** Opening Records for the exercise block **
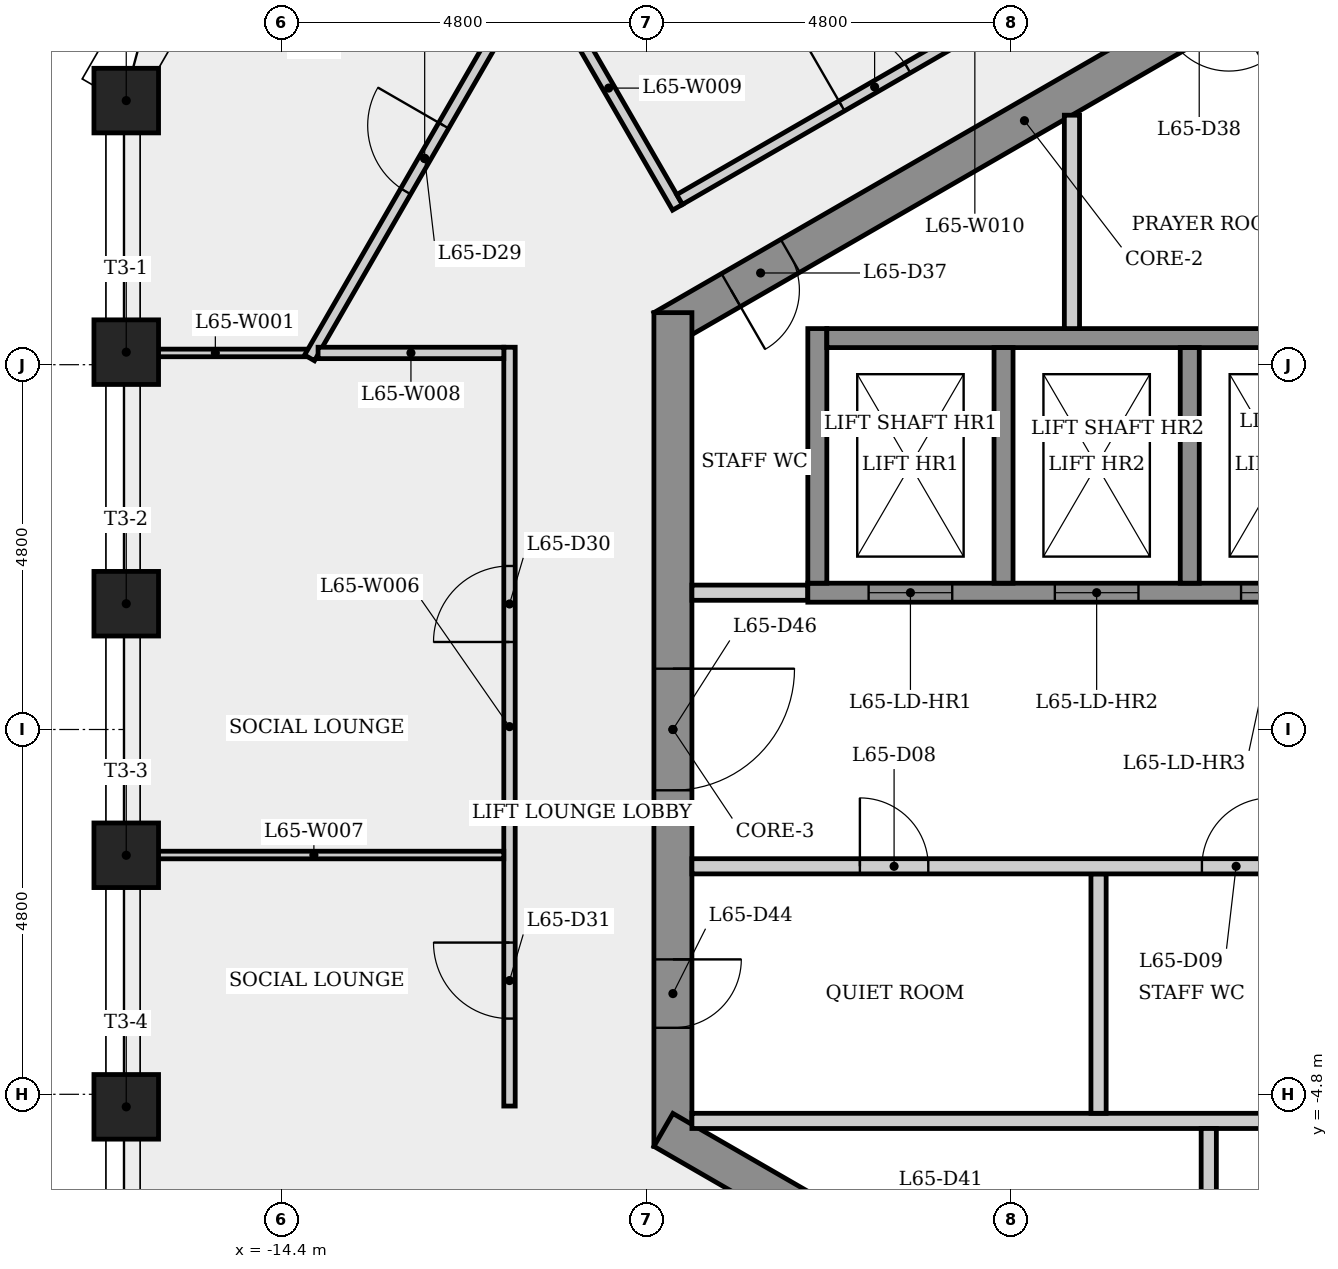
"""IFC4 building model, lengths in metres.
Left out: names, types, materials, properties, quantities, classifications, styles, units other than length and angle.
Written with IfcOpenShell. Run it as: python <this file> out.ifc"""

import sys

from ifc_helpers import new_model, si_unit, direction, frame, frame_2d, origin, origin_2d, place, context, subcontext, project, spatial, rectangle, extrude, element, fill, save


model = new_model("IFC4")
c1 = context("Model", 3, precision=1e-05, world=origin(), true_north=direction((0.0, 1.0)))
c2 = subcontext(c1, "Body", "Model", "MODEL_VIEW")
j1 = project(units=[si_unit("LENGTHUNIT", "METRE"), si_unit("PLANEANGLEUNIT", "RADIAN")], contexts=[c1])
p1 = place(None, origin())
s1 = spatial("IfcSite", under=j1, at=p1, CompositionType="ELEMENT")
p2 = place(p1, origin())
s2 = spatial("IfcBuilding", under=s1, at=p2, CompositionType="ELEMENT")
p3 = place(p2, frame((0.0, 0.0, 242.7)))
s3 = spatial("IfcBuildingStorey", under=s2, at=p3, CompositionType="ELEMENT", Elevation=242.7)
p4 = place(p3, frame((0.125, 10.753, 0.0), z_axis=(0.0, 0.0, 1.0), x_axis=(-0.866023993627, -0.500002442456, 0.0)))
e1 = element("IfcWall", 1, at=p4, inside=s3, PredefinedType="SHEAR", context=c2, shape_type="SweptSolid", body=[
    extrude(rectangle(XDim=10.97, YDim=0.5, at=frame_2d((5.485, 0.0))), origin(), (0.0, 0.0, 1.0), 3.4),
])
p5 = place(p4, frame((9.043, 0.0, 0.0)))
e2 = element("IfcOpeningElement", 2, at=p5, cuts=e1, PredefinedType="OPENING", context=c2, shape_type="SweptSolid", body=[
    extrude(rectangle(XDim=0.9, YDim=2.1, at=frame_2d((0.45, 1.05))), frame((0.0, 0.26, 0.0), z_axis=(0.0, -1.0, 0.0), x_axis=(1.0, 0.0, 0.0)), (0.0, 0.0, 1.0), 0.52),
])
p6 = place(p4, frame((2.38, 0.0, 0.0)))
e3 = element("IfcOpeningElement", 3, at=p6, cuts=e1, PredefinedType="OPENING", context=c2, shape_type="SweptSolid", body=[
    extrude(rectangle(XDim=0.9, YDim=2.1, at=frame_2d((0.45, 1.05))), frame((0.0, 0.26, 0.0), z_axis=(0.0, -1.0, 0.0), x_axis=(1.0, 0.0, 0.0)), (0.0, 0.0, 1.0), 0.52),
])
p7 = place(p3, frame((-9.25, 5.485, 0.0), z_axis=(0.0, 0.0, 1.0), x_axis=(0.0, -1.0, 0.0)))
e4 = element("IfcWall", 4, at=p7, inside=s3, PredefinedType="SHEAR", context=c2, shape_type="SweptSolid", body=[
    extrude(rectangle(XDim=10.97, YDim=0.5, at=frame_2d((5.485, 0.0))), origin(), (0.0, 0.0, 1.0), 3.4),
])
p8 = place(p7, frame((8.51, 0.0, 0.0)))
e5 = element("IfcOpeningElement", 5, at=p8, cuts=e4, PredefinedType="OPENING", context=c2, shape_type="SweptSolid", body=[
    extrude(rectangle(XDim=0.9, YDim=2.1, at=frame_2d((0.45, 1.05))), frame((0.0, 0.26, 0.0), z_axis=(0.0, -1.0, 0.0), x_axis=(1.0, 0.0, 0.0)), (0.0, 0.0, 1.0), 0.52),
])
p9 = place(p7, frame((4.685, 0.0, 0.0)))
e6 = element("IfcOpeningElement", 6, at=p9, cuts=e4, PredefinedType="OPENING", context=c2, shape_type="SweptSolid", body=[
    extrude(rectangle(XDim=1.6, YDim=2.1, at=frame_2d((0.8, 1.05))), frame((0.0, 0.26, 0.0), z_axis=(0.0, -1.0, 0.0), x_axis=(1.0, 0.0, 0.0)), (0.0, 0.0, 1.0), 0.52),
])
p10 = place(p3, frame((-9.375, -5.268, 0.0), z_axis=(0.0, 0.0, 1.0), x_axis=(0.866023993627, -0.500002442456, 0.0)))
e7 = element("IfcWall", 7, at=p10, inside=s3, PredefinedType="SHEAR", context=c2, shape_type="SweptSolid", body=[
    extrude(rectangle(XDim=10.97, YDim=0.5, at=frame_2d((5.485, 0.0))), origin(), (0.0, 0.0, 1.0), 3.4),
])
p11 = place(p10, frame((3.765, 0.0, 0.0)))
e8 = element("IfcOpeningElement", 8, at=p11, cuts=e7, PredefinedType="OPENING", context=c2, shape_type="SweptSolid", body=[
    extrude(rectangle(XDim=0.9, YDim=2.1, at=frame_2d((0.45, 1.05))), frame((0.0, 0.26, 0.0), z_axis=(0.0, -1.0, 0.0), x_axis=(1.0, 0.0, 0.0)), (0.0, 0.0, 1.0), 0.52),
])
p12 = place(p10, frame((8.96, 0.0, 0.0)))
e9 = element("IfcOpeningElement", 9, at=p12, cuts=e7, PredefinedType="OPENING", context=c2, shape_type="SweptSolid", body=[
    extrude(rectangle(XDim=0.9, YDim=2.1, at=frame_2d((0.45, 1.05))), frame((0.0, 0.26, 0.0), z_axis=(0.0, -1.0, 0.0), x_axis=(1.0, 0.0, 0.0)), (0.0, 0.0, 1.0), 0.52),
])
for number, where, z_axis, x_axis in (
    (10, (-16.442, 8.275, 0.0), (0.0, 0.0, 1.0), (-1.0, 0.0, 0.0)),
    (11, (-16.442, 4.965, 0.0), (0.0, 0.0, 1.0), (-1.0, 0.0, 0.0)),
    (12, (-16.442, 1.655, 0.0), (0.0, 0.0, 1.0), (-1.0, 0.0, 0.0)),
    (13, (-16.442, -1.655, 0.0), (0.0, 0.0, 1.0), (-1.0, 0.0, 0.0)),
    (14, (-16.442, -4.965, 0.0), (0.0, 0.0, 1.0), (-1.0, 0.0, 0.0)),
):
    element("IfcColumn", number, at=place(p3, frame(where, z_axis=z_axis, x_axis=x_axis)), inside=s3, PredefinedType="COLUMN", context=c2, shape_type="SweptSolid", body=[
        extrude(rectangle(XDim=0.85, YDim=0.85, at=origin_2d()), origin(), (0.0, 0.0, 1.0), 3.4),
    ])
p13 = place(p3, frame((-14.069, 4.955, 0.0), z_axis=(0.0, 0.0, 1.0), x_axis=(-1.0, 0.0, 0.0)))
e15 = element("IfcWall", 15, at=p13, inside=s3, PredefinedType="PARTITIONING", context=c2, shape_type="SweptSolid", body=[
    extrude(rectangle(XDim=2.404, YDim=0.1, at=frame_2d((1.202, 0.0))), origin(), (0.0, 0.0, 1.0), 3.05),
])
p14 = place(p3, frame((-14.031, 4.89, 0.0), z_axis=(0.0, 0.0, 1.0), x_axis=(0.499973530083, 0.866040685659, 0.0)))
e16 = element("IfcWall", 16, at=p14, inside=s3, PredefinedType="PARTITIONING", context=c2, shape_type="SweptSolid", body=[
    extrude(rectangle(XDim=6.06, YDim=0.15, at=frame_2d((3.03, 0.0))), origin(), (0.0, 0.0, 1.0), 3.05),
])
p15 = place(p14, frame((2.53, 0.0, 0.0)))
e17 = element("IfcOpeningElement", 17, at=p15, cuts=e16, PredefinedType="OPENING", context=c2, shape_type="SweptSolid", body=[
    extrude(rectangle(XDim=1.0, YDim=2.1, at=frame_2d((0.5, 1.05))), frame((0.0, 0.085, 0.0), z_axis=(0.0, -1.0, 0.0), x_axis=(1.0, 0.0, 0.0)), (0.0, 0.0, 1.0), 0.17),
])
p16 = place(p3, frame((-11.4, -4.955, 0.0), z_axis=(0.0, 0.0, 1.0), x_axis=(0.0, 1.0, 0.0)))
e18 = element("IfcWall", 18, at=p16, inside=s3, PredefinedType="PARTITIONING", context=c2, shape_type="SweptSolid", body=[
    extrude(rectangle(XDim=9.984, YDim=0.15, at=frame_2d((4.992, 0.0))), origin(), (0.0, 0.0, 1.0), 3.05),
])
p17 = place(p16, frame((6.106, 0.0, 0.0)))
e19 = element("IfcOpeningElement", 19, at=p17, cuts=e18, PredefinedType="OPENING", context=c2, shape_type="SweptSolid", body=[
    extrude(rectangle(XDim=1.0, YDim=2.1, at=frame_2d((0.5, 1.05))), frame((0.0, 0.085, 0.0), z_axis=(0.0, -1.0, 0.0), x_axis=(1.0, 0.0, 0.0)), (0.0, 0.0, 1.0), 0.17),
])
p18 = place(p16, frame((1.151, 0.0, 0.0)))
e20 = element("IfcOpeningElement", 20, at=p18, cuts=e18, PredefinedType="OPENING", context=c2, shape_type="SweptSolid", body=[
    extrude(rectangle(XDim=1.0, YDim=2.1, at=frame_2d((0.5, 1.05))), frame((0.0, 0.085, 0.0), z_axis=(0.0, -1.0, 0.0), x_axis=(1.0, 0.0, 0.0)), (0.0, 0.0, 1.0), 0.17),
])
p19 = place(p3, frame((-11.475, -1.652, 0.0), z_axis=(0.0, 0.0, 1.0), x_axis=(-1.0, 0.0, 0.0)))
e21 = element("IfcWall", 21, at=p19, inside=s3, PredefinedType="PARTITIONING", context=c2, shape_type="SweptSolid", body=[
    extrude(rectangle(XDim=4.997, YDim=0.1, at=frame_2d((2.499, 0.0))), origin(), (0.0, 0.0, 1.0), 3.05),
])
p20 = place(p3, frame((-11.475, 4.955, 0.0), z_axis=(0.0, 0.0, 1.0), x_axis=(-1.0, 0.0, 0.0)))
e22 = element("IfcWall", 22, at=p20, inside=s3, PredefinedType="PARTITIONING", context=c2, shape_type="SweptSolid", body=[
    extrude(rectangle(XDim=2.444, YDim=0.15, at=frame_2d((1.222, 0.0))), origin(), (0.0, 0.0, 1.0), 3.05),
])
p21 = place(p3, frame((-11.001, 10.008, 0.0), z_axis=(0.0, 0.0, 1.0), x_axis=(0.500053022251, -0.865994789209, 0.0)))
e23 = element("IfcWall", 23, at=p21, inside=s3, PredefinedType="PARTITIONING", context=c2, shape_type="SweptSolid", body=[
    extrude(rectangle(XDim=3.623, YDim=0.15, at=frame_2d((1.811, 0.0))), origin(), (0.0, 0.0, 1.0), 3.05),
])
p22 = place(p3, frame((-9.162, 6.973, 0.0), z_axis=(0.0, 0.0, 1.0), x_axis=(0.866025611375, 0.499999640442, 0.0)))
e24 = element("IfcWall", 24, at=p22, inside=s3, PredefinedType="PARTITIONING", context=c2, shape_type="SweptSolid", body=[
    extrude(rectangle(XDim=8.971, YDim=0.15, at=frame_2d((4.486, 0.0))), origin(), (0.0, 0.0, 1.0), 3.05),
])
p23 = place(p22, frame((6.213, 0.0, 0.0)))
e25 = element("IfcOpeningElement", 25, at=p23, cuts=e24, PredefinedType="OPENING", context=c2, shape_type="SweptSolid", body=[
    extrude(rectangle(XDim=0.9, YDim=2.1, at=frame_2d((0.45, 1.05))), frame((0.0, 0.085, 0.0), z_axis=(0.0, -1.0, 0.0), x_axis=(1.0, 0.0, 0.0)), (0.0, 0.0, 1.0), 0.17),
])
p24 = place(p22, frame((2.463, 0.0, 0.0)))
e26 = element("IfcOpeningElement", 26, at=p24, cuts=e24, PredefinedType="OPENING", context=c2, shape_type="SweptSolid", body=[
    extrude(rectangle(XDim=1.0, YDim=2.1, at=frame_2d((0.5, 1.05))), frame((0.0, 0.085, 0.0), z_axis=(0.0, -1.0, 0.0), x_axis=(1.0, 0.0, 0.0)), (0.0, 0.0, 1.0), 0.17),
])
p25 = place(p3, frame((-9.0, 1.8, 0.0), z_axis=(0.0, 0.0, 1.0), x_axis=(1.0, 0.0, 0.0)))
e27 = element("IfcWall", 27, at=p25, inside=s3, PredefinedType="PARTITIONING", context=c2, shape_type="SweptSolid", body=[
    extrude(rectangle(XDim=1.525, YDim=0.2, at=frame_2d((0.763, 0.0))), origin(), (0.0, 0.0, 1.0), 3.05),
])
p26 = place(p3, frame((-9.0, -5.15, 0.0), z_axis=(0.0, 0.0, 1.0), x_axis=(1.0, 0.0, 0.0)))
e28 = element("IfcWall", 28, at=p26, inside=s3, PredefinedType="PARTITIONING", context=c2, shape_type="SweptSolid", body=[
    extrude(rectangle(XDim=11.325, YDim=0.2, at=frame_2d((5.663, 0.0))), origin(), (0.0, 0.0, 1.0), 3.05),
])
p27 = place(p3, frame((-7.475, 1.8, 0.0), z_axis=(0.0, 0.0, 1.0), x_axis=(1.0, 0.0, 0.0)))
e29 = element("IfcWall", 29, at=p27, inside=s3, PredefinedType="SHEAR", context=c2, shape_type="SweptSolid", body=[
    extrude(rectangle(XDim=14.95, YDim=0.25, at=frame_2d((7.475, 0.0))), origin(), (0.0, 0.0, 1.0), 3.05),
])
p28 = place(p27, frame((0.8, 0.0, 0.0)))
e30 = element("IfcOpeningElement", 30, at=p28, cuts=e29, PredefinedType="OPENING", context=c2, shape_type="SweptSolid", body=[
    extrude(rectangle(XDim=1.1, YDim=2.1, at=frame_2d((0.55, 1.05))), frame((0.0, 0.135, 0.0), z_axis=(0.0, -1.0, 0.0), x_axis=(1.0, 0.0, 0.0)), (0.0, 0.0, 1.0), 0.27),
])
p29 = place(p27, frame((3.25, 0.0, 0.0)))
e31 = element("IfcOpeningElement", 31, at=p29, cuts=e29, PredefinedType="OPENING", context=c2, shape_type="SweptSolid", body=[
    extrude(rectangle(XDim=1.1, YDim=2.1, at=frame_2d((0.55, 1.05))), frame((0.0, 0.135, 0.0), z_axis=(0.0, -1.0, 0.0), x_axis=(1.0, 0.0, 0.0)), (0.0, 0.0, 1.0), 0.27),
])
p30 = place(p27, frame((5.7, 0.0, 0.0)))
e32 = element("IfcOpeningElement", 32, at=p30, cuts=e29, PredefinedType="OPENING", context=c2, shape_type="SweptSolid", body=[
    extrude(rectangle(XDim=1.1, YDim=2.1, at=frame_2d((0.55, 1.05))), frame((0.0, 0.135, 0.0), z_axis=(0.0, -1.0, 0.0), x_axis=(1.0, 0.0, 0.0)), (0.0, 0.0, 1.0), 0.27),
])
p31 = place(p27, frame((8.15, 0.0, 0.0)))
e33 = element("IfcOpeningElement", 33, at=p31, cuts=e29, PredefinedType="OPENING", context=c2, shape_type="SweptSolid", body=[
    extrude(rectangle(XDim=1.1, YDim=2.1, at=frame_2d((0.55, 1.05))), frame((0.0, 0.135, 0.0), z_axis=(0.0, -1.0, 0.0), x_axis=(1.0, 0.0, 0.0)), (0.0, 0.0, 1.0), 0.27),
])
p32 = place(p27, frame((10.6, 0.0, 0.0)))
e34 = element("IfcOpeningElement", 34, at=p32, cuts=e29, PredefinedType="OPENING", context=c2, shape_type="SweptSolid", body=[
    extrude(rectangle(XDim=1.1, YDim=2.1, at=frame_2d((0.55, 1.05))), frame((0.0, 0.135, 0.0), z_axis=(0.0, -1.0, 0.0), x_axis=(1.0, 0.0, 0.0)), (0.0, 0.0, 1.0), 0.27),
])
p33 = place(p27, frame((13.05, 0.0, 0.0)))
e35 = element("IfcOpeningElement", 35, at=p33, cuts=e29, PredefinedType="OPENING", context=c2, shape_type="SweptSolid", body=[
    extrude(rectangle(XDim=1.1, YDim=2.1, at=frame_2d((0.55, 1.05))), frame((0.0, 0.135, 0.0), z_axis=(0.0, -1.0, 0.0), x_axis=(1.0, 0.0, 0.0)), (0.0, 0.0, 1.0), 0.27),
])
p34 = place(p3, frame((-7.35, 1.925, 0.0), z_axis=(0.0, 0.0, 1.0), x_axis=(0.0, 1.0, 0.0)))
e36 = element("IfcWall", 36, at=p34, inside=s3, PredefinedType="SHEAR", context=c2, shape_type="SweptSolid", body=[
    extrude(rectangle(XDim=3.35, YDim=0.25, at=frame_2d((1.675, 0.0))), origin(), (0.0, 0.0, 1.0), 3.05),
])
p35 = place(p3, frame((-7.225, 5.15, 0.0), z_axis=(0.0, 0.0, 1.0), x_axis=(1.0, 0.0, 0.0)))
e37 = element("IfcWall", 37, at=p35, inside=s3, PredefinedType="SHEAR", context=c2, shape_type="SweptSolid", body=[
    extrude(rectangle(XDim=14.7, YDim=0.25, at=frame_2d((7.35, 0.0))), origin(), (0.0, 0.0, 1.0), 3.05),
])
p36 = place(p3, frame((-4.9, 5.025, 0.0), z_axis=(0.0, 0.0, 1.0), x_axis=(0.0, -1.0, 0.0)))
e38 = element("IfcWall", 38, at=p36, inside=s3, PredefinedType="SHEAR", context=c2, shape_type="SweptSolid", body=[
    extrude(rectangle(XDim=3.1, YDim=0.25, at=frame_2d((1.55, 0.0))), origin(), (0.0, 0.0, 1.0), 3.4),
])
p37 = place(p3, frame((-4.0, 8.083, 0.0), z_axis=(0.0, 0.0, 1.0), x_axis=(0.0, -1.0, 0.0)))
e39 = element("IfcWall", 39, at=p37, inside=s3, PredefinedType="PARTITIONING", context=c2, shape_type="SweptSolid", body=[
    extrude(rectangle(XDim=2.808, YDim=0.2, at=frame_2d((1.404, 0.0))), origin(), (0.0, 0.0, 1.0), 3.05),
])
p38 = place(p3, frame((-3.65, -1.9, 0.0), z_axis=(0.0, 0.0, 1.0), x_axis=(0.0, -1.0, 0.0)))
e40 = element("IfcWall", 40, at=p38, inside=s3, PredefinedType="PARTITIONING", context=c2, shape_type="SweptSolid", body=[
    extrude(rectangle(XDim=3.15, YDim=0.2, at=frame_2d((1.575, 0.0))), origin(), (0.0, 0.0, 1.0), 3.05),
])
p39 = place(p3, frame((-9.0, -1.8, 0.0), z_axis=(0.0, 0.0, 1.0), x_axis=(1.0, 0.0, 0.0)))
e41 = element("IfcWall", 41, at=p39, inside=s3, PredefinedType="PARTITIONING", context=c2, shape_type="SweptSolid", body=[
    extrude(rectangle(XDim=11.325, YDim=0.2, at=frame_2d((5.663, 0.0))), origin(), (0.0, 0.0, 1.0), 3.05),
])
p40 = place(p39, frame((2.21, 0.0, 0.0)))
e42 = element("IfcOpeningElement", 42, at=p40, cuts=e41, PredefinedType="OPENING", context=c2, shape_type="SweptSolid", body=[
    extrude(rectangle(XDim=0.9, YDim=2.1, at=frame_2d((0.45, 1.05))), frame((0.0, 0.11, 0.0), z_axis=(0.0, -1.0, 0.0), x_axis=(1.0, 0.0, 0.0)), (0.0, 0.0, 1.0), 0.22),
])
p41 = place(p39, frame((6.71, 0.0, 0.0)))
e43 = element("IfcOpeningElement", 43, at=p41, cuts=e41, PredefinedType="OPENING", context=c2, shape_type="SweptSolid", body=[
    extrude(rectangle(XDim=0.9, YDim=2.1, at=frame_2d((0.45, 1.05))), frame((0.0, 0.11, 0.0), z_axis=(0.0, -1.0, 0.0), x_axis=(1.0, 0.0, 0.0)), (0.0, 0.0, 1.0), 0.22),
])
p42 = place(p39, frame((9.713, 0.0, 0.0)))
e44 = element("IfcOpeningElement", 44, at=p42, cuts=e41, PredefinedType="OPENING", context=c2, shape_type="SweptSolid", body=[
    extrude(rectangle(XDim=0.9, YDim=2.1, at=frame_2d((0.45, 1.05))), frame((0.0, 0.11, 0.0), z_axis=(0.0, -1.0, 0.0), x_axis=(1.0, 0.0, 0.0)), (0.0, 0.0, 1.0), 0.22),
])
p43 = place(p3, frame((-2.45, 5.025, 0.0), z_axis=(0.0, 0.0, 1.0), x_axis=(0.0, -1.0, 0.0)))
e45 = element("IfcWall", 45, at=p43, inside=s3, PredefinedType="SHEAR", context=c2, shape_type="SweptSolid", body=[
    extrude(rectangle(XDim=3.1, YDim=0.25, at=frame_2d((1.55, 0.0))), origin(), (0.0, 0.0, 1.0), 3.4),
])
p44 = place(p3, frame((-2.2, -5.25, 0.0), z_axis=(0.0, 0.0, 1.0), x_axis=(0.0, -1.0, 0.0)))
e46 = element("IfcWall", 46, at=p44, inside=s3, PredefinedType="PARTITIONING", context=c2, shape_type="SweptSolid", body=[
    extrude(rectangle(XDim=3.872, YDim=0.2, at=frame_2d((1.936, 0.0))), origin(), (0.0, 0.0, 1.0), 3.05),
** Closing Records for the exercise block **
_Problem statement:_ Give back, exactly as written, the stretch from the line with "p15 = place(p14, frame((2.53, 0.0, 0.0)))" through the line with "p18 = place(p16, frame((1.151, 0.0, 0.0)))", and no other lines from the records above.

_Task response:_
p15 = place(p14, frame((2.53, 0.0, 0.0)))
e17 = element("IfcOpeningElement", 17, at=p15, cuts=e16, PredefinedType="OPENING", context=c2, shape_type="SweptSolid", body=[
    extrude(rectangle(XDim=1.0, YDim=2.1, at=frame_2d((0.5, 1.05))), frame((0.0, 0.085, 0.0), z_axis=(0.0, -1.0, 0.0), x_axis=(1.0, 0.0, 0.0)), (0.0, 0.0, 1.0), 0.17),
])
p16 = place(p3, frame((-11.4, -4.955, 0.0), z_axis=(0.0, 0.0, 1.0), x_axis=(0.0, 1.0, 0.0)))
e18 = element("IfcWall", 18, at=p16, inside=s3, PredefinedType="PARTITIONING", context=c2, shape_type="SweptSolid", body=[
    extrude(rectangle(XDim=9.984, YDim=0.15, at=frame_2d((4.992, 0.0))), origin(), (0.0, 0.0, 1.0), 3.05),
])
p17 = place(p16, frame((6.106, 0.0, 0.0)))
e19 = element("IfcOpeningElement", 19, at=p17, cuts=e18, PredefinedType="OPENING", context=c2, shape_type="SweptSolid", body=[
    extrude(rectangle(XDim=1.0, YDim=2.1, at=frame_2d((0.5, 1.05))), frame((0.0, 0.085, 0.0), z_axis=(0.0, -1.0, 0.0), x_axis=(1.0, 0.0, 0.0)), (0.0, 0.0, 1.0), 0.17),
])
p18 = place(p16, frame((1.151, 0.0, 0.0)))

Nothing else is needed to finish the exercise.